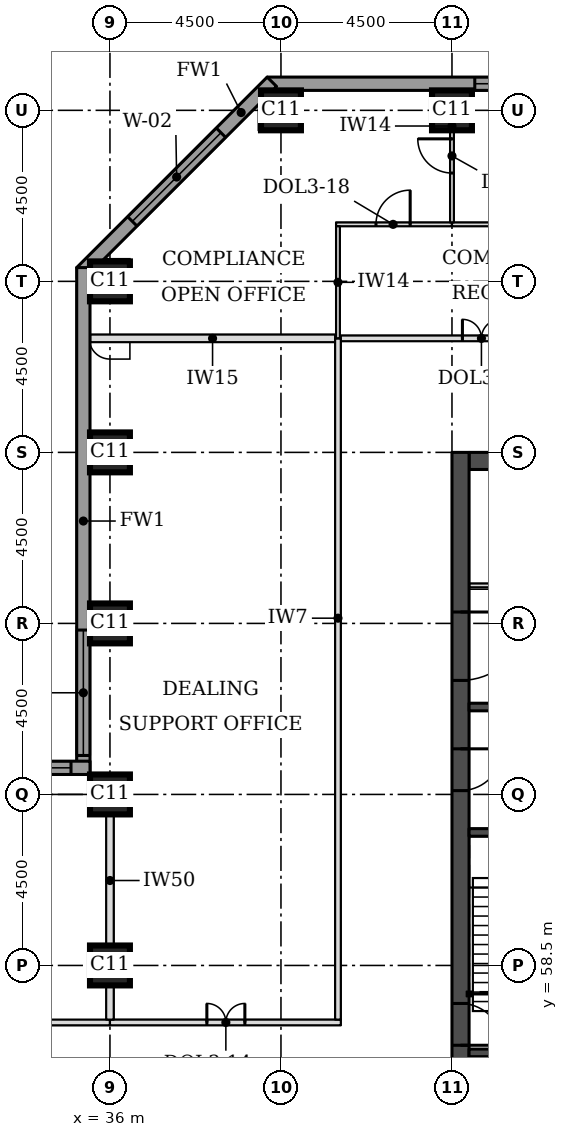
"""IFC4 building model, lengths in metres.
Left out: names, types, materials, properties, quantities, classifications, styles, units other than length and angle.
Written with IfcOpenShell. Run it as: python <this file> out.ifc"""

import sys

from ifc_helpers import new_model, si_unit, direction, frame, frame_2d, origin, origin_2d, place, context, subcontext, project, spatial, rectangle, extrude, element, fill, save


model = new_model("IFC4")
c1 = context("Model", 3, precision=1e-05, world=origin(), true_north=direction((0.0, 1.0)))
c2 = subcontext(c1, "Body", "Model", "MODEL_VIEW")
j1 = project(units=[si_unit("LENGTHUNIT", "METRE"), si_unit("PLANEANGLEUNIT", "RADIAN")], contexts=[c1])
p1 = place(None, origin())
s1 = spatial("IfcSite", under=j1, at=p1, CompositionType="ELEMENT")
p2 = place(p1, origin())
s2 = spatial("IfcBuilding", under=s1, at=p2, CompositionType="ELEMENT")
p3 = place(p2, frame((0.0, 0.0, 97.4)))
s3 = spatial("IfcBuildingStorey", under=s2, at=p3, CompositionType="ELEMENT", Elevation=97.4)
for number, where, z_axis, x_axis in (
    (1, (36.0, 58.5, 0.0), (0.0, 0.0, 1.0), (1.0, 0.0, 0.0)),
    (2, (36.0, 63.0, 0.0), (0.0, 0.0, 1.0), (1.0, 0.0, 0.0)),
    (3, (36.0, 67.5, 0.0), (0.0, 0.0, 1.0), (1.0, 0.0, 0.0)),
    (4, (36.0, 72.0, 0.0), (0.0, 0.0, 1.0), (1.0, 0.0, 0.0)),
    (5, (36.0, 76.5, 0.0), (0.0, 0.0, 1.0), (1.0, 0.0, 0.0)),
    (6, (40.5, 81.0, 0.0), (0.0, 0.0, 1.0), (1.0, 0.0, 0.0)),
    (7, (45.0, 81.0, 0.0), (0.0, 0.0, 1.0), (1.0, 0.0, 0.0)),
):
    element("IfcColumn", number, at=place(p3, frame(where, z_axis=z_axis, x_axis=x_axis)), inside=s3, PredefinedType="COLUMN", context=c2, shape_type="SweptSolid", body=[
        extrude(rectangle(XDim=1.05, YDim=1.05, at=origin_2d()), origin(), (0.0, 0.0, 1.0), 3.7),
    ])
p4 = place(p3, frame((45.45, 71.775, 0.0), z_axis=(0.0, 0.0, 1.0), x_axis=(1.0, 0.0, 0.0)))
e8 = element("IfcWall", 8, at=p4, inside=s3, PredefinedType="SHEAR", context=c2, shape_type="SweptSolid", body=[
    extrude(rectangle(XDim=21.6, YDim=0.45, at=frame_2d((10.8, 0.0))), origin(), (0.0, 0.0, 1.0), 3.7),
])
p5 = place(p3, frame((45.225, 49.5, 0.0), z_axis=(0.0, 0.0, 1.0), x_axis=(0.0, 1.0, 0.0)))
e9 = element("IfcWall", 9, at=p5, inside=s3, PredefinedType="SHEAR", context=c2, shape_type="SweptSolid", body=[
    extrude(rectangle(XDim=22.5, YDim=0.45, at=frame_2d((11.25, 0.0))), origin(), (0.0, 0.0, 1.0), 3.7),
])
p6 = place(p5, frame((4.2, 0.0, 0.0)))
e10 = element("IfcOpeningElement", 10, at=p6, cuts=e9, PredefinedType="OPENING", context=c2, shape_type="SweptSolid", body=[
    extrude(rectangle(XDim=1.8, YDim=2.1, at=frame_2d((0.9, 1.05))), frame((0.0, 0.235, 0.0), z_axis=(0.0, -1.0, 0.0), x_axis=(1.0, 0.0, 0.0)), (0.0, 0.0, 1.0), 0.47),
])
p7 = place(p5, frame((6.9, 0.0, 0.0)))
e11 = element("IfcOpeningElement", 11, at=p7, cuts=e9, PredefinedType="OPENING", context=c2, shape_type="SweptSolid", body=[
    extrude(rectangle(XDim=1.1, YDim=2.1, at=frame_2d((0.55, 1.05))), frame((0.0, 0.235, 0.0), z_axis=(0.0, -1.0, 0.0), x_axis=(1.0, 0.0, 0.0)), (0.0, 0.0, 1.0), 0.47),
])
p8 = place(p5, frame((13.6, 0.0, 0.0)))
e12 = element("IfcOpeningElement", 12, at=p8, cuts=e9, PredefinedType="OPENING", context=c2, shape_type="SweptSolid", body=[
    extrude(rectangle(XDim=1.1, YDim=2.1, at=frame_2d((0.55, 1.05))), frame((0.0, 0.235, 0.0), z_axis=(0.0, -1.0, 0.0), x_axis=(1.0, 0.0, 0.0)), (0.0, 0.0, 1.0), 0.47),
])
p9 = place(p5, frame((16.5, 0.0, 0.0)))
e13 = element("IfcOpeningElement", 13, at=p9, cuts=e9, PredefinedType="OPENING", context=c2, shape_type="SweptSolid", body=[
    extrude(rectangle(XDim=1.8, YDim=2.1, at=frame_2d((0.9, 1.05))), frame((0.0, 0.235, 0.0), z_axis=(0.0, -1.0, 0.0), x_axis=(1.0, 0.0, 0.0)), (0.0, 0.0, 1.0), 0.47),
])
p10 = place(p3, frame((72.362, 81.7, 0.0), z_axis=(0.0, 0.0, 1.0), x_axis=(-1.0, 0.0, 0.0)))
e14 = element("IfcWall", 14, at=p10, inside=s3, PredefinedType="STANDARD", context=c2, shape_type="SweptSolid", body=[
    extrude(rectangle(XDim=32.225, YDim=0.35, at=frame_2d((16.112, 0.0))), origin(), (0.0, 0.0, 1.0), 3.525),
])
p11 = place(p10, frame((5.462, 0.0, 0.9)))
e15 = element("IfcOpeningElement", 15, at=p11, cuts=e14, PredefinedType="OPENING", context=c2, shape_type="SweptSolid", body=[
    extrude(rectangle(XDim=3.3, YDim=1.9, at=frame_2d((1.65, 0.95))), frame((0.0, 0.185, 0.0), z_axis=(0.0, -1.0, 0.0), x_axis=(1.0, 0.0, 0.0)), (0.0, 0.0, 1.0), 0.37),
])
p12 = place(p10, frame((9.962, 0.0, 0.9)))
e16 = element("IfcOpeningElement", 16, at=p12, cuts=e14, PredefinedType="OPENING", context=c2, shape_type="SweptSolid", body=[
    extrude(rectangle(XDim=3.3, YDim=1.9, at=frame_2d((1.65, 0.95))), frame((0.0, 0.185, 0.0), z_axis=(0.0, -1.0, 0.0), x_axis=(1.0, 0.0, 0.0)), (0.0, 0.0, 1.0), 0.37),
])
p13 = place(p10, frame((14.462, 0.0, 0.9)))
e17 = element("IfcOpeningElement", 17, at=p13, cuts=e14, PredefinedType="OPENING", context=c2, shape_type="SweptSolid", body=[
    extrude(rectangle(XDim=3.3, YDim=1.9, at=frame_2d((1.65, 0.95))), frame((0.0, 0.185, 0.0), z_axis=(0.0, -1.0, 0.0), x_axis=(1.0, 0.0, 0.0)), (0.0, 0.0, 1.0), 0.37),
])
p14 = place(p10, frame((18.962, 0.0, 0.9)))
e18 = element("IfcOpeningElement", 18, at=p14, cuts=e14, PredefinedType="OPENING", context=c2, shape_type="SweptSolid", body=[
    extrude(rectangle(XDim=3.3, YDim=1.9, at=frame_2d((1.65, 0.95))), frame((0.0, 0.185, 0.0), z_axis=(0.0, -1.0, 0.0), x_axis=(1.0, 0.0, 0.0)), (0.0, 0.0, 1.0), 0.37),
])
p15 = place(p10, frame((23.462, 0.0, 0.9)))
e19 = element("IfcOpeningElement", 19, at=p15, cuts=e14, PredefinedType="OPENING", context=c2, shape_type="SweptSolid", body=[
    extrude(rectangle(XDim=3.3, YDim=1.9, at=frame_2d((1.65, 0.95))), frame((0.0, 0.185, 0.0), z_axis=(0.0, -1.0, 0.0), x_axis=(1.0, 0.0, 0.0)), (0.0, 0.0, 1.0), 0.37),
])
p16 = place(p3, frame((40.261, 81.751, 0.0), z_axis=(0.0, 0.0, 1.0), x_axis=(-0.707106781187, -0.707106781187, 0.0)))
e20 = element("IfcWall", 20, at=p16, inside=s3, PredefinedType="STANDARD", context=c2, shape_type="SweptSolid", body=[
    extrude(rectangle(XDim=7.089, YDim=0.35, at=frame_2d((3.544, 0.0))), origin(), (0.0, 0.0, 1.0), 3.525),
])
p17 = place(p16, frame((1.894, 0.0, 0.9)))
e21 = element("IfcOpeningElement", 21, at=p17, cuts=e20, PredefinedType="OPENING", context=c2, shape_type="SweptSolid", body=[
    extrude(rectangle(XDim=3.3, YDim=1.9, at=frame_2d((1.65, 0.95))), frame((0.0, 0.185, 0.0), z_axis=(0.0, -1.0, 0.0), x_axis=(1.0, 0.0, 0.0)), (0.0, 0.0, 1.0), 0.37),
])
p18 = place(p3, frame((35.3, 76.862, 0.0), z_axis=(0.0, 0.0, 1.0), x_axis=(0.0, -1.0, 0.0)))
e22 = element("IfcWall", 22, at=p18, inside=s3, PredefinedType="STANDARD", context=c2, shape_type="SweptSolid", body=[
    extrude(rectangle(XDim=13.337, YDim=0.35, at=frame_2d((6.669, 0.0))), origin(), (0.0, 0.0, 1.0), 3.525),
])
p19 = place(p18, frame((9.537, 0.0, 0.9)))
e23 = element("IfcOpeningElement", 23, at=p19, cuts=e22, PredefinedType="OPENING", context=c2, shape_type="SweptSolid", body=[
    extrude(rectangle(XDim=3.3, YDim=1.9, at=frame_2d((1.65, 0.95))), frame((0.0, 0.185, 0.0), z_axis=(0.0, -1.0, 0.0), x_axis=(1.0, 0.0, 0.0)), (0.0, 0.0, 1.0), 0.37),
])
p20 = place(p3, frame((35.475, 63.7, 0.0), z_axis=(0.0, 0.0, 1.0), x_axis=(-1.0, 0.0, 0.0)))
e24 = element("IfcWall", 24, at=p20, inside=s3, PredefinedType="STANDARD", context=c2, shape_type="SweptSolid", body=[
    extrude(rectangle(XDim=17.837, YDim=0.35, at=frame_2d((8.919, 0.0))), origin(), (0.0, 0.0, 1.0), 3.525),
])
p21 = place(p20, frame((0.5, 0.0, 0.9)))
e25 = element("IfcOpeningElement", 25, at=p21, cuts=e24, PredefinedType="OPENING", context=c2, shape_type="SweptSolid", body=[
    extrude(rectangle(XDim=3.3, YDim=1.9, at=frame_2d((1.65, 0.95))), frame((0.0, 0.185, 0.0), z_axis=(0.0, -1.0, 0.0), x_axis=(1.0, 0.0, 0.0)), (0.0, 0.0, 1.0), 0.37),
])
p22 = place(p20, frame((9.075, 0.0, 0.9)))
e26 = element("IfcOpeningElement", 26, at=p22, cuts=e24, PredefinedType="OPENING", context=c2, shape_type="SweptSolid", body=[
    extrude(rectangle(XDim=3.3, YDim=1.9, at=frame_2d((1.65, 0.95))), frame((0.0, 0.185, 0.0), z_axis=(0.0, -1.0, 0.0), x_axis=(1.0, 0.0, 0.0)), (0.0, 0.0, 1.0), 0.37),
])
p23 = place(p3, frame((29.38, 57.0, 0.0), z_axis=(0.0, 0.0, 1.0), x_axis=(1.0, 0.0, 0.0)))
e27 = element("IfcWall", 27, at=p23, inside=s3, PredefinedType="PARTITIONING", context=c2, shape_type="SweptSolid", body=[
    extrude(rectangle(XDim=6.62, YDim=0.15, at=frame_2d((3.31, 0.0))), origin(), (0.0, 0.0, 1.0), 3.55),
])
p24 = place(p23, frame((2.88, 0.0, 0.0)))
e28 = element("IfcOpeningElement", 28, at=p24, cuts=e27, PredefinedType="OPENING", context=c2, shape_type="SweptSolid", body=[
    extrude(rectangle(XDim=1.0, YDim=2.1, at=frame_2d((0.5, 1.05))), frame((0.0, 0.085, 0.0), z_axis=(0.0, -1.0, 0.0), x_axis=(1.0, 0.0, 0.0)), (0.0, 0.0, 1.0), 0.17),
])
p25 = place(p3, frame((36.0, 57.0, 0.0), z_axis=(0.0, 0.0, 1.0), x_axis=(1.0, 0.0, 0.0)))
e29 = element("IfcWall", 29, at=p25, inside=s3, PredefinedType="PARTITIONING", context=c2, shape_type="SweptSolid", body=[
    extrude(rectangle(XDim=6.075, YDim=0.15, at=frame_2d((3.038, 0.0))), origin(), (0.0, 0.0, 1.0), 3.55),
])
p26 = place(p25, frame((2.55, 0.0, 0.0)))
e30 = element("IfcOpeningElement", 30, at=p26, cuts=e29, PredefinedType="OPENING", context=c2, shape_type="SweptSolid", body=[
    extrude(rectangle(XDim=1.0, YDim=2.1, at=frame_2d((0.5, 1.05))), frame((0.0, 0.085, 0.0), z_axis=(0.0, -1.0, 0.0), x_axis=(1.0, 0.0, 0.0)), (0.0, 0.0, 1.0), 0.17),
])
p27 = place(p3, frame((35.475, 75.0, 0.0), z_axis=(0.0, 0.0, 1.0), x_axis=(1.0, 0.0, 0.0)))
e31 = element("IfcWall", 31, at=p27, inside=s3, PredefinedType="PARTITIONING", context=c2, shape_type="SweptSolid", body=[
    extrude(rectangle(XDim=6.45, YDim=0.2, at=frame_2d((3.225, 0.0))), origin(), (0.0, 0.0, 1.0), 3.55),
])
p28 = place(p3, frame((42.075, 75.0, 0.0), z_axis=(0.0, 0.0, 1.0), x_axis=(1.0, 0.0, 0.0)))
e32 = element("IfcWall", 32, at=p28, inside=s3, PredefinedType="PARTITIONING", context=c2, shape_type="SweptSolid", body=[
    extrude(rectangle(XDim=7.425, YDim=0.15, at=frame_2d((3.712, 0.0))), origin(), (0.0, 0.0, 1.0), 3.55),
])
p29 = place(p28, frame((3.2, 0.0, 0.0)))
e33 = element("IfcOpeningElement", 33, at=p29, cuts=e32, PredefinedType="OPENING", context=c2, shape_type="SweptSolid", body=[
    extrude(rectangle(XDim=1.0, YDim=2.1, at=frame_2d((0.5, 1.05))), frame((0.0, 0.085, 0.0), z_axis=(0.0, -1.0, 0.0), x_axis=(1.0, 0.0, 0.0)), (0.0, 0.0, 1.0), 0.17),
])
p30 = place(p3, frame((41.95, 78.0, 0.0), z_axis=(0.0, 0.0, 1.0), x_axis=(1.0, 0.0, 0.0)))
e34 = element("IfcWall", 34, at=p30, inside=s3, PredefinedType="PARTITIONING", context=c2, shape_type="SweptSolid", body=[
    extrude(rectangle(XDim=3.05, YDim=0.1, at=frame_2d((1.525, 0.0))), origin(), (0.0, 0.0, 1.0), 3.55),
])
p31 = place(p30, frame((1.05, 0.0, 0.0)))
e35 = element("IfcOpeningElement", 35, at=p31, cuts=e34, PredefinedType="OPENING", context=c2, shape_type="SweptSolid", body=[
    extrude(rectangle(XDim=0.9, YDim=2.1, at=frame_2d((0.45, 1.05))), frame((0.0, 0.06, 0.0), z_axis=(0.0, -1.0, 0.0), x_axis=(1.0, 0.0, 0.0)), (0.0, 0.0, 1.0), 0.12),
])
p32 = place(p3, frame((45.0, 78.0, 0.0), z_axis=(0.0, 0.0, 1.0), x_axis=(1.0, 0.0, 0.0)))
e36 = element("IfcWall", 36, at=p32, inside=s3, PredefinedType="PARTITIONING", context=c2, shape_type="SweptSolid", body=[
    extrude(rectangle(XDim=4.4, YDim=0.1, at=frame_2d((2.2, 0.0))), origin(), (0.0, 0.0, 1.0), 3.55),
])
p33 = place(p3, frame((36.0, 57.075, 0.0), z_axis=(0.0, 0.0, 1.0), x_axis=(0.0, 1.0, 0.0)))
e37 = element("IfcWall", 37, at=p33, inside=s3, PredefinedType="PARTITIONING", context=c2, shape_type="SweptSolid", body=[
    extrude(rectangle(XDim=0.9, YDim=0.2, at=frame_2d((0.45, 0.0))), origin(), (0.0, 0.0, 1.0), 2.8),
])
p34 = place(p3, frame((42.0, 57.075, 0.0), z_axis=(0.0, 0.0, 1.0), x_axis=(0.0, 1.0, 0.0)))
e38 = element("IfcWall", 38, at=p34, inside=s3, PredefinedType="PARTITIONING", context=c2, shape_type="SweptSolid", body=[
    extrude(rectangle(XDim=17.925, YDim=0.15, at=frame_2d((8.962, 0.0))), origin(), (0.0, 0.0, 1.0), 3.55),
])
p35 = place(p3, frame((36.0, 58.995, 0.0), z_axis=(0.0, 0.0, 1.0), x_axis=(0.0, 1.0, 0.0)))
e39 = element("IfcWall", 39, at=p35, inside=s3, PredefinedType="PARTITIONING", context=c2, shape_type="SweptSolid", body=[
    extrude(rectangle(XDim=3.48, YDim=0.2, at=frame_2d((1.74, 0.0))), origin(), (0.0, 0.0, 1.0), 2.8),
])
p36 = place(p3, frame((42.0, 75.0, 0.0), z_axis=(0.0, 0.0, 1.0), x_axis=(0.0, 1.0, 0.0)))
e40 = element("IfcWall", 40, at=p36, inside=s3, PredefinedType="PARTITIONING", context=c2, shape_type="SweptSolid", body=[
    extrude(rectangle(XDim=2.95, YDim=0.1, at=frame_2d((1.475, 0.0))), origin(), (0.0, 0.0, 1.0), 3.55),
])
p37 = place(p3, frame((45.0, 78.05, 0.0), z_axis=(0.0, 0.0, 1.0), x_axis=(0.0, 1.0, 0.0)))
e41 = element("IfcWall", 41, at=p37, inside=s3, PredefinedType="PARTITIONING", context=c2, shape_type="SweptSolid", body=[
    extrude(rectangle(XDim=3.475, YDim=0.1, at=frame_2d((1.737, 0.0))), origin(), (0.0, 0.0, 1.0), 3.55),
])
p38 = place(p37, frame((1.3, 0.0, 0.0)))
e42 = element("IfcOpeningElement", 42, at=p38, cuts=e41, PredefinedType="OPENING", context=c2, shape_type="SweptSolid", body=[
    extrude(rectangle(XDim=0.9, YDim=2.1, at=frame_2d((0.45, 1.05))), frame((0.0, 0.06, 0.0), z_axis=(0.0, -1.0, 0.0), x_axis=(1.0, 0.0, 0.0)), (0.0, 0.0, 1.0), 0.12),
])
p39 = place(p3, frame((45.45, 56.2, 0.0), z_axis=(0.0, 0.0, 1.0), x_axis=(1.0, 0.0, 0.0)))
e43 = element("IfcWall", 43, at=p39, inside=s3, PredefinedType="SOLIDWALL", context=c2, shape_type="SweptSolid", body=[
    extrude(rectangle(XDim=3.15, YDim=0.2, at=frame_2d((1.575, 0.0))), origin(), (0.0, 0.0, 1.0), 3.55),
])
p40 = place(p3, frame((45.45, 62.0, 0.0), z_axis=(0.0, 0.0, 1.0), x_axis=(1.0, 0.0, 0.0)))
e44 = element("IfcWall", 44, at=p40, inside=s3, PredefinedType="SOLIDWALL", context=c2, shape_type="SweptSolid", body=[
    extrude(rectangle(XDim=5.2, YDim=0.2, at=frame_2d((2.6, 0.0))), origin(), (0.0, 0.0, 1.0), 3.55),
])
p41 = place(p3, frame((45.45, 65.3, 0.0), z_axis=(0.0, 0.0, 1.0), x_axis=(1.0, 0.0, 0.0)))
e45 = element("IfcWall", 45, at=p41, inside=s3, PredefinedType="SOLIDWALL", context=c2, shape_type="SweptSolid", body=[
    extrude(rectangle(XDim=2.35, YDim=0.2, at=frame_2d((1.175, 0.0))), origin(), (0.0, 0.0, 1.0), 3.55),
])
p42 = place(p3, frame((45.45, 68.5, 0.0), z_axis=(0.0, 0.0, 1.0), x_axis=(1.0, 0.0, 0.0)))
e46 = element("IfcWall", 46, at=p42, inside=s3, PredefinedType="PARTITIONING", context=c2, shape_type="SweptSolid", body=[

**Work instructions**
Please reproduce, word for word, every line from the first line of the records above through the line containing "p1 = place(None, origin())", and leave out the pictures.

**Your solution**
"""IFC4 building model, lengths in metres.
Left out: names, types, materials, properties, quantities, classifications, styles, units other than length and angle.
Written with IfcOpenShell. Run it as: python <this file> out.ifc"""

import sys

from ifc_helpers import new_model, si_unit, direction, frame, frame_2d, origin, origin_2d, place, context, subcontext, project, spatial, rectangle, extrude, element, fill, save


model = new_model("IFC4")
c1 = context("Model", 3, precision=1e-05, world=origin(), true_north=direction((0.0, 1.0)))
c2 = subcontext(c1, "Body", "Model", "MODEL_VIEW")
j1 = project(units=[si_unit("LENGTHUNIT", "METRE"), si_unit("PLANEANGLEUNIT", "RADIAN")], contexts=[c1])
p1 = place(None, origin())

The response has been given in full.